***** Data excerpts
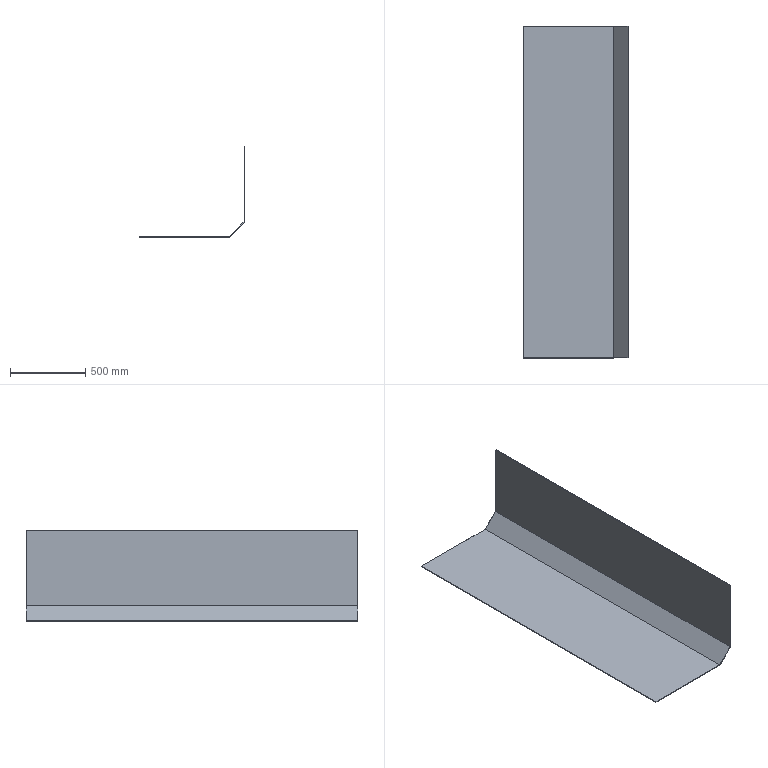Component | NX | CACAMBA_2200 | 1 solid | 10 faces | box 700 x 2200 x 600 mm | volume 13610071 mm3 | plane 10
STEP:
#1=CARTESIAN_POINT('',(0.,0.,0.));
#2=DIRECTION('',(0.,0.,1.));
#3=DIRECTION('',(1.,0.,0.));
#4=AXIS2_PLACEMENT_3D('',#1,#2,#3);
#5=CARTESIAN_POINT('',(-10.,765.233,680.));
#6=VERTEX_POINT('',#5);
#7=CARTESIAN_POINT('',(-10.,765.233,180.));
#8=VERTEX_POINT('',#7);
#9=CARTESIAN_POINT('',(-10.,765.233,680.));
#10=DIRECTION('',(0.,0.,-1.));
#11=VECTOR('',#10,1.);
#12=LINE('',#9,#11);
#13=CARTESIAN_POINT('',(-10.,-1434.767,680.));
#14=DIRECTION('',(1.,0.,0.));
#15=DIRECTION('',(0.,0.,1.));
#16=AXIS2_PLACEMENT_3D('',#13,#14,#15);
#17=PLANE('',#16);
#18=CARTESIAN_POINT('',(0.,-2200.));
#19=DIRECTION('',(-1.,0.));
#20=VECTOR('',#19,1.);
#21=LINE('',#18,#20);
#22=(GEOMETRIC_REPRESENTATION_CONTEXT(2)PARAMETRIC_REPRESENTATION_CONTEXT()REPRESENTATION_CONTEXT('',''));
#23=DEFINITIONAL_REPRESENTATION('',(#21),#22);
#24=PCURVE('',#17,#23);
#25=CARTESIAN_POINT('',(-10.,765.233,80.));
#26=DIRECTION('',(0.,1.,0.));
#27=DIRECTION('',(0.,0.,-1.));
#28=AXIS2_PLACEMENT_3D('',#25,#26,#27);
#29=PLANE('',#28);
#30=CARTESIAN_POINT('',(-600.,0.));
#31=DIRECTION('',(1.,0.));
#32=VECTOR('',#31,1.);
#33=LINE('',#30,#32);
#34=(GEOMETRIC_REPRESENTATION_CONTEXT(2)PARAMETRIC_REPRESENTATION_CONTEXT()REPRESENTATION_CONTEXT('',''));
#35=DEFINITIONAL_REPRESENTATION('',(#33),#34);
#36=PCURVE('',#29,#35);
#37=SURFACE_CURVE('',#12,(#24,#36),.PCURVE_S1.);
#38=EDGE_CURVE('',#6,#8,#37,.T.);
#39=ORIENTED_EDGE('',*,*,#38,.F.);
#40=CARTESIAN_POINT('',(-10.,-1434.767,680.));
#41=VERTEX_POINT('',#40);
#42=CARTESIAN_POINT('',(-10.,-1434.767,680.));
#43=DIRECTION('',(0.,1.,0.));
#44=VECTOR('',#43,1.);
#45=LINE('',#42,#44);
#46=CARTESIAN_POINT('',(0.,0.));
#47=DIRECTION('',(0.,-1.));
#48=VECTOR('',#47,1.);
#49=LINE('',#46,#48);
#50=(GEOMETRIC_REPRESENTATION_CONTEXT(2)PARAMETRIC_REPRESENTATION_CONTEXT()REPRESENTATION_CONTEXT('',''));
#51=DEFINITIONAL_REPRESENTATION('',(#49),#50);
#52=PCURVE('',#17,#51);
#53=CARTESIAN_POINT('',(-15.,-1434.767,680.));
#54=DIRECTION('',(0.,0.,1.));
#55=DIRECTION('',(-1.,0.,0.));
#56=AXIS2_PLACEMENT_3D('',#53,#54,#55);
#57=PLANE('',#56);
#58=CARTESIAN_POINT('',(-5.,0.));
#59=DIRECTION('',(0.,-1.));
#60=VECTOR('',#59,1.);
#61=LINE('',#58,#60);
#62=(GEOMETRIC_REPRESENTATION_CONTEXT(2)PARAMETRIC_REPRESENTATION_CONTEXT()REPRESENTATION_CONTEXT('',''));
#63=DEFINITIONAL_REPRESENTATION('',(#61),#62);
#64=PCURVE('',#57,#63);
#65=SURFACE_CURVE('',#45,(#52,#64),.PCURVE_S1.);
#66=EDGE_CURVE('',#41,#6,#65,.T.);
#67=ORIENTED_EDGE('',*,*,#66,.F.);
#68=CARTESIAN_POINT('',(-10.,-1434.767,180.));
#69=VERTEX_POINT('',#68);
#70=CARTESIAN_POINT('',(-10.,-1434.767,680.));
#71=DIRECTION('',(0.,0.,-1.));
#72=VECTOR('',#71,1.);
#73=LINE('',#70,#72);
#74=CARTESIAN_POINT('',(0.,0.));
#75=DIRECTION('',(-1.,0.));
#76=VECTOR('',#75,1.);
#77=LINE('',#74,#76);
#78=(GEOMETRIC_REPRESENTATION_CONTEXT(2)PARAMETRIC_REPRESENTATION_CONTEXT()REPRESENTATION_CONTEXT('',''));
#79=DEFINITIONAL_REPRESENTATION('',(#77),#78);
#80=PCURVE('',#17,#79);
#81=CARTESIAN_POINT('',(-10.,-1434.767,80.));
#82=DIRECTION('',(0.,1.,0.));
#83=DIRECTION('',(0.,0.,-1.));
#84=AXIS2_PLACEMENT_3D('',#81,#82,#83);
#85=PLANE('',#84);
#86=CARTESIAN_POINT('',(-600.,0.));
#87=DIRECTION('',(1.,0.));
#88=VECTOR('',#87,1.);
#89=LINE('',#86,#88);
#90=(GEOMETRIC_REPRESENTATION_CONTEXT(2)PARAMETRIC_REPRESENTATION_CONTEXT()REPRESENTATION_CONTEXT('',''));
#91=DEFINITIONAL_REPRESENTATION('',(#89),#90);
#92=PCURVE('',#85,#91);
#93=SURFACE_CURVE('',#73,(#80,#92),.PCURVE_S1.);
#94=EDGE_CURVE('',#41,#69,#93,.T.);
#95=ORIENTED_EDGE('',*,*,#94,.T.);
#96=CARTESIAN_POINT('',(-10.,-1434.767,180.));
#97=DIRECTION('',(0.,1.,0.));
#98=VECTOR('',#97,1.);
#99=LINE('',#96,#98);
#100=CARTESIAN_POINT('',(-500.,0.));
#101=DIRECTION('',(0.,-1.));
#102=VECTOR('',#101,1.);
#103=LINE('',#100,#102);
#104=(GEOMETRIC_REPRESENTATION_CONTEXT(2)PARAMETRIC_REPRESENTATION_CONTEXT()REPRESENTATION_CONTEXT('',''));
#105=DEFINITIONAL_REPRESENTATION('',(#103),#104);
#106=PCURVE('',#17,#105);
#107=CARTESIAN_POINT('',(-10.,-1434.767,180.));
#108=DIRECTION('',(0.7071,0.,-0.7071));
#109=DIRECTION('',(0.7071,0.,0.7071));
#110=AXIS2_PLACEMENT_3D('',#107,#108,#109);
#111=PLANE('',#110);
#112=CARTESIAN_POINT('',(0.,0.));
#113=DIRECTION('',(0.,-1.));
#114=VECTOR('',#113,1.);
#115=LINE('',#112,#114);
#116=(GEOMETRIC_REPRESENTATION_CONTEXT(2)PARAMETRIC_REPRESENTATION_CONTEXT()REPRESENTATION_CONTEXT('',''));
#117=DEFINITIONAL_REPRESENTATION('',(#115),#116);
#118=PCURVE('',#111,#117);
#119=SURFACE_CURVE('',#99,(#106,#118),.PCURVE_S1.);
#120=EDGE_CURVE('',#69,#8,#119,.T.);
#121=ORIENTED_EDGE('',*,*,#120,.T.);
#122=EDGE_LOOP('',(#39,#67,#95,#121));
#123=FACE_BOUND('',#122,.T.);
#124=ADVANCED_FACE('',(#123),#17,.T.);
#125=CARTESIAN_POINT('',(-110.,765.233,80.));
#126=VERTEX_POINT('',#125);
#127=CARTESIAN_POINT('',(-10.,765.233,180.));
#128=DIRECTION('',(-0.7071,0.,-0.7071));
#129=VECTOR('',#128,1.);
#130=LINE('',#127,#129);
#131=CARTESIAN_POINT('',(0.,-2200.));
#132=DIRECTION('',(-1.,0.));
#133=VECTOR('',#132,1.);
#134=LINE('',#131,#133);
#135=(GEOMETRIC_REPRESENTATION_CONTEXT(2)PARAMETRIC_REPRESENTATION_CONTEXT()REPRESENTATION_CONTEXT('',''));
#136=DEFINITIONAL_REPRESENTATION('',(#134),#135);
#137=PCURVE('',#111,#136);
#138=CARTESIAN_POINT('',(-100.,0.));
#139=DIRECTION('',(0.7071,0.7071));
#140=VECTOR('',#139,1.);
#141=LINE('',#138,#140);
#142=(GEOMETRIC_REPRESENTATION_CONTEXT(2)PARAMETRIC_REPRESENTATION_CONTEXT()REPRESENTATION_CONTEXT('',''));
#143=DEFINITIONAL_REPRESENTATION('',(#141),#142);
#144=PCURVE('',#29,#143);
#145=SURFACE_CURVE('',#130,(#137,#144),.PCURVE_S1.);
#146=EDGE_CURVE('',#8,#126,#145,.T.);
#147=ORIENTED_EDGE('',*,*,#146,.F.);
#148=ORIENTED_EDGE('',*,*,#120,.F.);
#149=CARTESIAN_POINT('',(-110.,-1434.767,80.));
#150=VERTEX_POINT('',#149);
#151=CARTESIAN_POINT('',(-10.,-1434.767,180.));
#152=DIRECTION('',(-0.7071,0.,-0.7071));
#153=VECTOR('',#152,1.);
#154=LINE('',#151,#153);
#155=CARTESIAN_POINT('',(0.,0.));
#156=DIRECTION('',(-1.,0.));
#157=VECTOR('',#156,1.);
#158=LINE('',#155,#157);
#159=(GEOMETRIC_REPRESENTATION_CONTEXT(2)PARAMETRIC_REPRESENTATION_CONTEXT()REPRESENTATION_CONTEXT('',''));
#160=DEFINITIONAL_REPRESENTATION('',(#158),#159);
#161=PCURVE('',#111,#160);
#162=CARTESIAN_POINT('',(-100.,0.));
#163=DIRECTION('',(0.7071,0.7071));
#164=VECTOR('',#163,1.);
#165=LINE('',#162,#164);
#166=(GEOMETRIC_REPRESENTATION_CONTEXT(2)PARAMETRIC_REPRESENTATION_CONTEXT()REPRESENTATION_CONTEXT('',''));
#167=DEFINITIONAL_REPRESENTATION('',(#165),#166);
#168=PCURVE('',#85,#167);
#169=SURFACE_CURVE('',#154,(#161,#168),.PCURVE_S1.);
#170=EDGE_CURVE('',#69,#150,#169,.T.);
#171=ORIENTED_EDGE('',*,*,#170,.T.);
#172=CARTESIAN_POINT('',(-110.,-1434.767,80.));
#173=DIRECTION('',(0.,1.,0.));
#174=VECTOR('',#173,1.);
#175=LINE('',#172,#174);
#176=CARTESIAN_POINT('',(-141.421,0.));
#177=DIRECTION('',(0.,-1.));
#178=VECTOR('',#177,1.);
#179=LINE('',#176,#178);
#180=(GEOMETRIC_REPRESENTATION_CONTEXT(2)PARAMETRIC_REPRESENTATION_CONTEXT()REPRESENTATION_CONTEXT('',''));
#181=DEFINITIONAL_REPRESENTATION('',(#179),#180);
#182=PCURVE('',#111,#181);
#183=CARTESIAN_POINT('',(-110.,-1434.767,80.));
#184=DIRECTION('',(0.,0.,-1.));
#185=DIRECTION('',(1.,0.,0.));
#186=AXIS2_PLACEMENT_3D('',#183,#184,#185);
#187=PLANE('',#186);
#188=CARTESIAN_POINT('',(0.,0.));
#189=DIRECTION('',(0.,-1.));
#190=VECTOR('',#189,1.);
#191=LINE('',#188,#190);
#192=(GEOMETRIC_REPRESENTATION_CONTEXT(2)PARAMETRIC_REPRESENTATION_CONTEXT()REPRESENTATION_CONTEXT('',''));
#193=DEFINITIONAL_REPRESENTATION('',(#191),#192);
#194=PCURVE('',#187,#193);
#195=SURFACE_CURVE('',#175,(#182,#194),.PCURVE_S1.);
#196=EDGE_CURVE('',#150,#126,#195,.T.);
#197=ORIENTED_EDGE('',*,*,#196,.T.);
#198=EDGE_LOOP('',(#147,#148,#171,#197));
#199=FACE_BOUND('',#198,.T.);
#200=ADVANCED_FACE('',(#199),#111,.T.);
#201=CARTESIAN_POINT('',(-710.,765.233,80.));
#202=VERTEX_POINT('',#201);
#203=CARTESIAN_POINT('',(-110.,765.233,80.));
#204=DIRECTION('',(-1.,0.,0.));
#205=VECTOR('',#204,1.);
#206=LINE('',#203,#205);
#207=CARTESIAN_POINT('',(0.,-2200.));
#208=DIRECTION('',(-1.,0.));
#209=VECTOR('',#208,1.);
#210=LINE('',#207,#209);
#211=(GEOMETRIC_REPRESENTATION_CONTEXT(2)PARAMETRIC_REPRESENTATION_CONTEXT()REPRESENTATION_CONTEXT('',''));
#212=DEFINITIONAL_REPRESENTATION('',(#210),#211);
#213=PCURVE('',#187,#212);
#214=CARTESIAN_POINT('',(0.,100.));
#215=DIRECTION('',(0.,1.));
#216=VECTOR('',#215,1.);
#217=LINE('',#214,#216);
#218=(GEOMETRIC_REPRESENTATION_CONTEXT(2)PARAMETRIC_REPRESENTATION_CONTEXT()REPRESENTATION_CONTEXT('',''));
#219=DEFINITIONAL_REPRESENTATION('',(#217),#218);
#220=PCURVE('',#29,#219);
#221=SURFACE_CURVE('',#206,(#213,#220),.PCURVE_S1.);
#222=EDGE_CURVE('',#126,#202,#221,.T.);
#223=ORIENTED_EDGE('',*,*,#222,.F.);
#224=ORIENTED_EDGE('',*,*,#196,.F.);
#225=CARTESIAN_POINT('',(-710.,-1434.767,80.));
#226=VERTEX_POINT('',#225);
#227=CARTESIAN_POINT('',(-110.,-1434.767,80.));
#228=DIRECTION('',(-1.,0.,0.));
#229=VECTOR('',#228,1.);
#230=LINE('',#227,#229);
#231=CARTESIAN_POINT('',(0.,0.));
#232=DIRECTION('',(-1.,0.));
#233=VECTOR('',#232,1.);
#234=LINE('',#231,#233);
#235=(GEOMETRIC_REPRESENTATION_CONTEXT(2)PARAMETRIC_REPRESENTATION_CONTEXT()REPRESENTATION_CONTEXT('',''));
#236=DEFINITIONAL_REPRESENTATION('',(#234),#235);
#237=PCURVE('',#187,#236);
#238=CARTESIAN_POINT('',(0.,100.));
#239=DIRECTION('',(0.,1.));
#240=VECTOR('',#239,1.);
#241=LINE('',#238,#240);
#242=(GEOMETRIC_REPRESENTATION_CONTEXT(2)PARAMETRIC_REPRESENTATION_CONTEXT()REPRESENTATION_CONTEXT('',''));
#243=DEFINITIONAL_REPRESENTATION('',(#241),#242);
#244=PCURVE('',#85,#243);
#245=SURFACE_CURVE('',#230,(#237,#244),.PCURVE_S1.);
#246=EDGE_CURVE('',#150,#226,#245,.T.);
#247=ORIENTED_EDGE('',*,*,#246,.T.);
#248=CARTESIAN_POINT('',(-710.,-1434.767,80.));
#249=DIRECTION('',(0.,1.,0.));
#250=VECTOR('',#249,1.);
#251=LINE('',#248,#250);
#252=CARTESIAN_POINT('',(-600.,0.));
#253=DIRECTION('',(0.,-1.));
#254=VECTOR('',#253,1.);
#255=LINE('',#252,#254);
#256=(GEOMETRIC_REPRESENTATION_CONTEXT(2)PARAMETRIC_REPRESENTATION_CONTEXT()REPRESENTATION_CONTEXT('',''));
#257=DEFINITIONAL_REPRESENTATION('',(#255),#256);
#258=PCURVE('',#187,#257);
#259=CARTESIAN_POINT('',(-710.,-1434.767,80.));
#260=DIRECTION('',(-1.,0.,0.));
#261=DIRECTION('',(0.,0.,-1.));
#262=AXIS2_PLACEMENT_3D('',#259,#260,#261);
#263=PLANE('',#262);
#264=CARTESIAN_POINT('',(0.,0.));
#265=DIRECTION('',(0.,-1.));
#266=VECTOR('',#265,1.);
#267=LINE('',#264,#266);
#268=(GEOMETRIC_REPRESENTATION_CONTEXT(2)PARAMETRIC_REPRESENTATION_CONTEXT()REPRESENTATION_CONTEXT('',''));
#269=DEFINITIONAL_REPRESENTATION('',(#267),#268);
#270=PCURVE('',#263,#269);
#271=SURFACE_CURVE('',#251,(#258,#270),.PCURVE_S1.);
#272=EDGE_CURVE('',#226,#202,#271,.T.);
#273=ORIENTED_EDGE('',*,*,#272,.T.);
#274=EDGE_LOOP('',(#223,#224,#247,#273));
#275=FACE_BOUND('',#274,.T.);
#276=ADVANCED_FACE('',(#275),#187,.T.);
#277=CARTESIAN_POINT('',(-710.,765.233,85.));
#278=VERTEX_POINT('',#277);
#279=CARTESIAN_POINT('',(-710.,765.233,80.));
#280=DIRECTION('',(0.,0.,1.));
#281=VECTOR('',#280,1.);
#282=LINE('',#279,#281);
#283=CARTESIAN_POINT('',(0.,-2200.));
#284=DIRECTION('',(-1.,0.));
#285=VECTOR('',#284,1.);
#286=LINE('',#283,#285);
#287=(GEOMETRIC_REPRESENTATION_CONTEXT(2)PARAMETRIC_REPRESENTATION_CONTEXT()REPRESENTATION_CONTEXT('',''));
#288=DEFINITIONAL_REPRESENTATION('',(#286),#287);
#289=PCURVE('',#263,#288);
#290=CARTESIAN_POINT('',(0.,700.));
#291=DIRECTION('',(-1.,0.));
#292=VECTOR('',#291,1.);
#293=LINE('',#290,#292);
#294=(GEOMETRIC_REPRESENTATION_CONTEXT(2)PARAMETRIC_REPRESENTATION_CONTEXT()REPRESENTATION_CONTEXT('',''));
#295=DEFINITIONAL_REPRESENTATION('',(#293),#294);
#296=PCURVE('',#29,#295);
#297=SURFACE_CURVE('',#282,(#289,#296),.PCURVE_S1.);
#298=EDGE_CURVE('',#202,#278,#297,.T.);
#299=ORIENTED_EDGE('',*,*,#298,.F.);
#300=ORIENTED_EDGE('',*,*,#272,.F.);
#301=CARTESIAN_POINT('',(-710.,-1434.767,85.));
#302=VERTEX_POINT('',#301);
#303=CARTESIAN_POINT('',(-710.,-1434.767,80.));
#304=DIRECTION('',(0.,0.,1.));
#305=VECTOR('',#304,1.);
#306=LINE('',#303,#305);
#307=CARTESIAN_POINT('',(0.,0.));
#308=DIRECTION('',(-1.,0.));
#309=VECTOR('',#308,1.);
#310=LINE('',#307,#309);
#311=(GEOMETRIC_REPRESENTATION_CONTEXT(2)PARAMETRIC_REPRESENTATION_CONTEXT()REPRESENTATION_CONTEXT('',''));
#312=DEFINITIONAL_REPRESENTATION('',(#310),#311);
#313=PCURVE('',#263,#312);
#314=CARTESIAN_POINT('',(0.,700.));
#315=DIRECTION('',(-1.,0.));
#316=VECTOR('',#315,1.);
#317=LINE('',#314,#316);
#318=(GEOMETRIC_REPRESENTATION_CONTEXT(2)PARAMETRIC_REPRESENTATION_CONTEXT()REPRESENTATION_CONTEXT('',''));
#319=DEFINITIONAL_REPRESENTATION('',(#317),#318);
#320=PCURVE('',#85,#319);
#321=SURFACE_CURVE('',#306,(#313,#320),.PCURVE_S1.);
#322=EDGE_CURVE('',#226,#302,#321,.T.);
#323=ORIENTED_EDGE('',*,*,#322,.T.);
#324=CARTESIAN_POINT('',(-710.,-1434.767,85.));
#325=DIRECTION('',(0.,1.,0.));
#326=VECTOR('',#325,1.);
#327=LINE('',#324,#326);
#328=CARTESIAN_POINT('',(-5.,0.));
#329=DIRECTION('',(0.,-1.));
#330=VECTOR('',#329,1.);
#331=LINE('',#328,#330);
#332=(GEOMETRIC_REPRESENTATION_CONTEXT(2)PARAMETRIC_REPRESENTATION_CONTEXT()REPRESENTATION_CONTEXT('',''));
#333=DEFINITIONAL_REPRESENTATION('',(#331),#332);
#334=PCURVE('',#263,#333);
#335=CARTESIAN_POINT('',(-710.,-1434.767,85.));
#336=DIRECTION('',(0.,0.,1.));
#337=DIRECTION('',(-1.,0.,0.));
#338=AXIS2_PLACEMENT_3D('',#335,#336,#337);
#339=PLANE('',#338);
#340=CARTESIAN_POINT('',(0.,0.));
#341=DIRECTION('',(0.,-1.));
#342=VECTOR('',#341,1.);
#343=LINE('',#340,#342);
#344=(GEOMETRIC_REPRESENTATION_CONTEXT(2)PARAMETRIC_REPRESENTATION_CONTEXT()REPRESENTATION_CONTEXT('',''));
#345=DEFINITIONAL_REPRESENTATION('',(#343),#344);
#346=PCURVE('',#339,#345);
#347=SURFACE_CURVE('',#327,(#334,#346),.PCURVE_S1.);
#348=EDGE_CURVE('',#302,#278,#347,.T.);
#349=ORIENTED_EDGE('',*,*,#348,.T.);
#350=EDGE_LOOP('',(#299,#300,#323,#349));
#351=FACE_BOUND('',#350,.T.);
#352=ADVANCED_FACE('',(#351),#263,.T.);
#353=CARTESIAN_POINT('',(-112.071,765.233,85.));
#354=VERTEX_POINT('',#353);
#355=CARTESIAN_POINT('',(-710.,765.233,85.));
#356=DIRECTION('',(1.,0.,0.));
#357=VECTOR('',#356,1.);
#358=LINE('',#355,#357);
#359=CARTESIAN_POINT('',(0.,-2200.));
#360=DIRECTION('',(-1.,0.));
#361=VECTOR('',#360,1.);
#362=LINE('',#359,#361);
#363=(GEOMETRIC_REPRESENTATION_CONTEXT(2)PARAMETRIC_REPRESENTATION_CONTEXT()REPRESENTATION_CONTEXT('',''));
#364=DEFINITIONAL_REPRESENTATION('',(#362),#363);
#365=PCURVE('',#339,#364);
#366=CARTESIAN_POINT('',(-5.,700.));
#367=DIRECTION('',(0.,-1.));
#368=VECTOR('',#367,1.);
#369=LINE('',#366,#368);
**********
Assignment
The lines from the one holding "#341=DIRECTION('',(0.,-1.));" to the final line of the entries, both included, are what should be output, exactly and alone.

Your response
#341=DIRECTION('',(0.,-1.));
#342=VECTOR('',#341,1.);
#343=LINE('',#340,#342);
#344=(GEOMETRIC_REPRESENTATION_CONTEXT(2)PARAMETRIC_REPRESENTATION_CONTEXT()REPRESENTATION_CONTEXT('',''));
#345=DEFINITIONAL_REPRESENTATION('',(#343),#344);
#346=PCURVE('',#339,#345);
#347=SURFACE_CURVE('',#327,(#334,#346),.PCURVE_S1.);
#348=EDGE_CURVE('',#302,#278,#347,.T.);
#349=ORIENTED_EDGE('',*,*,#348,.T.);
#350=EDGE_LOOP('',(#299,#300,#323,#349));
#351=FACE_BOUND('',#350,.T.);
#352=ADVANCED_FACE('',(#351),#263,.T.);
#353=CARTESIAN_POINT('',(-112.071,765.233,85.));
#354=VERTEX_POINT('',#353);
#355=CARTESIAN_POINT('',(-710.,765.233,85.));
#356=DIRECTION('',(1.,0.,0.));
#357=VECTOR('',#356,1.);
#358=LINE('',#355,#357);
#359=CARTESIAN_POINT('',(0.,-2200.));
#360=DIRECTION('',(-1.,0.));
#361=VECTOR('',#360,1.);
#362=LINE('',#359,#361);
#363=(GEOMETRIC_REPRESENTATION_CONTEXT(2)PARAMETRIC_REPRESENTATION_CONTEXT()REPRESENTATION_CONTEXT('',''));
#364=DEFINITIONAL_REPRESENTATION('',(#362),#363);
#365=PCURVE('',#339,#364);
#366=CARTESIAN_POINT('',(-5.,700.));
#367=DIRECTION('',(0.,-1.));
#368=VECTOR('',#367,1.);
#369=LINE('',#366,#368);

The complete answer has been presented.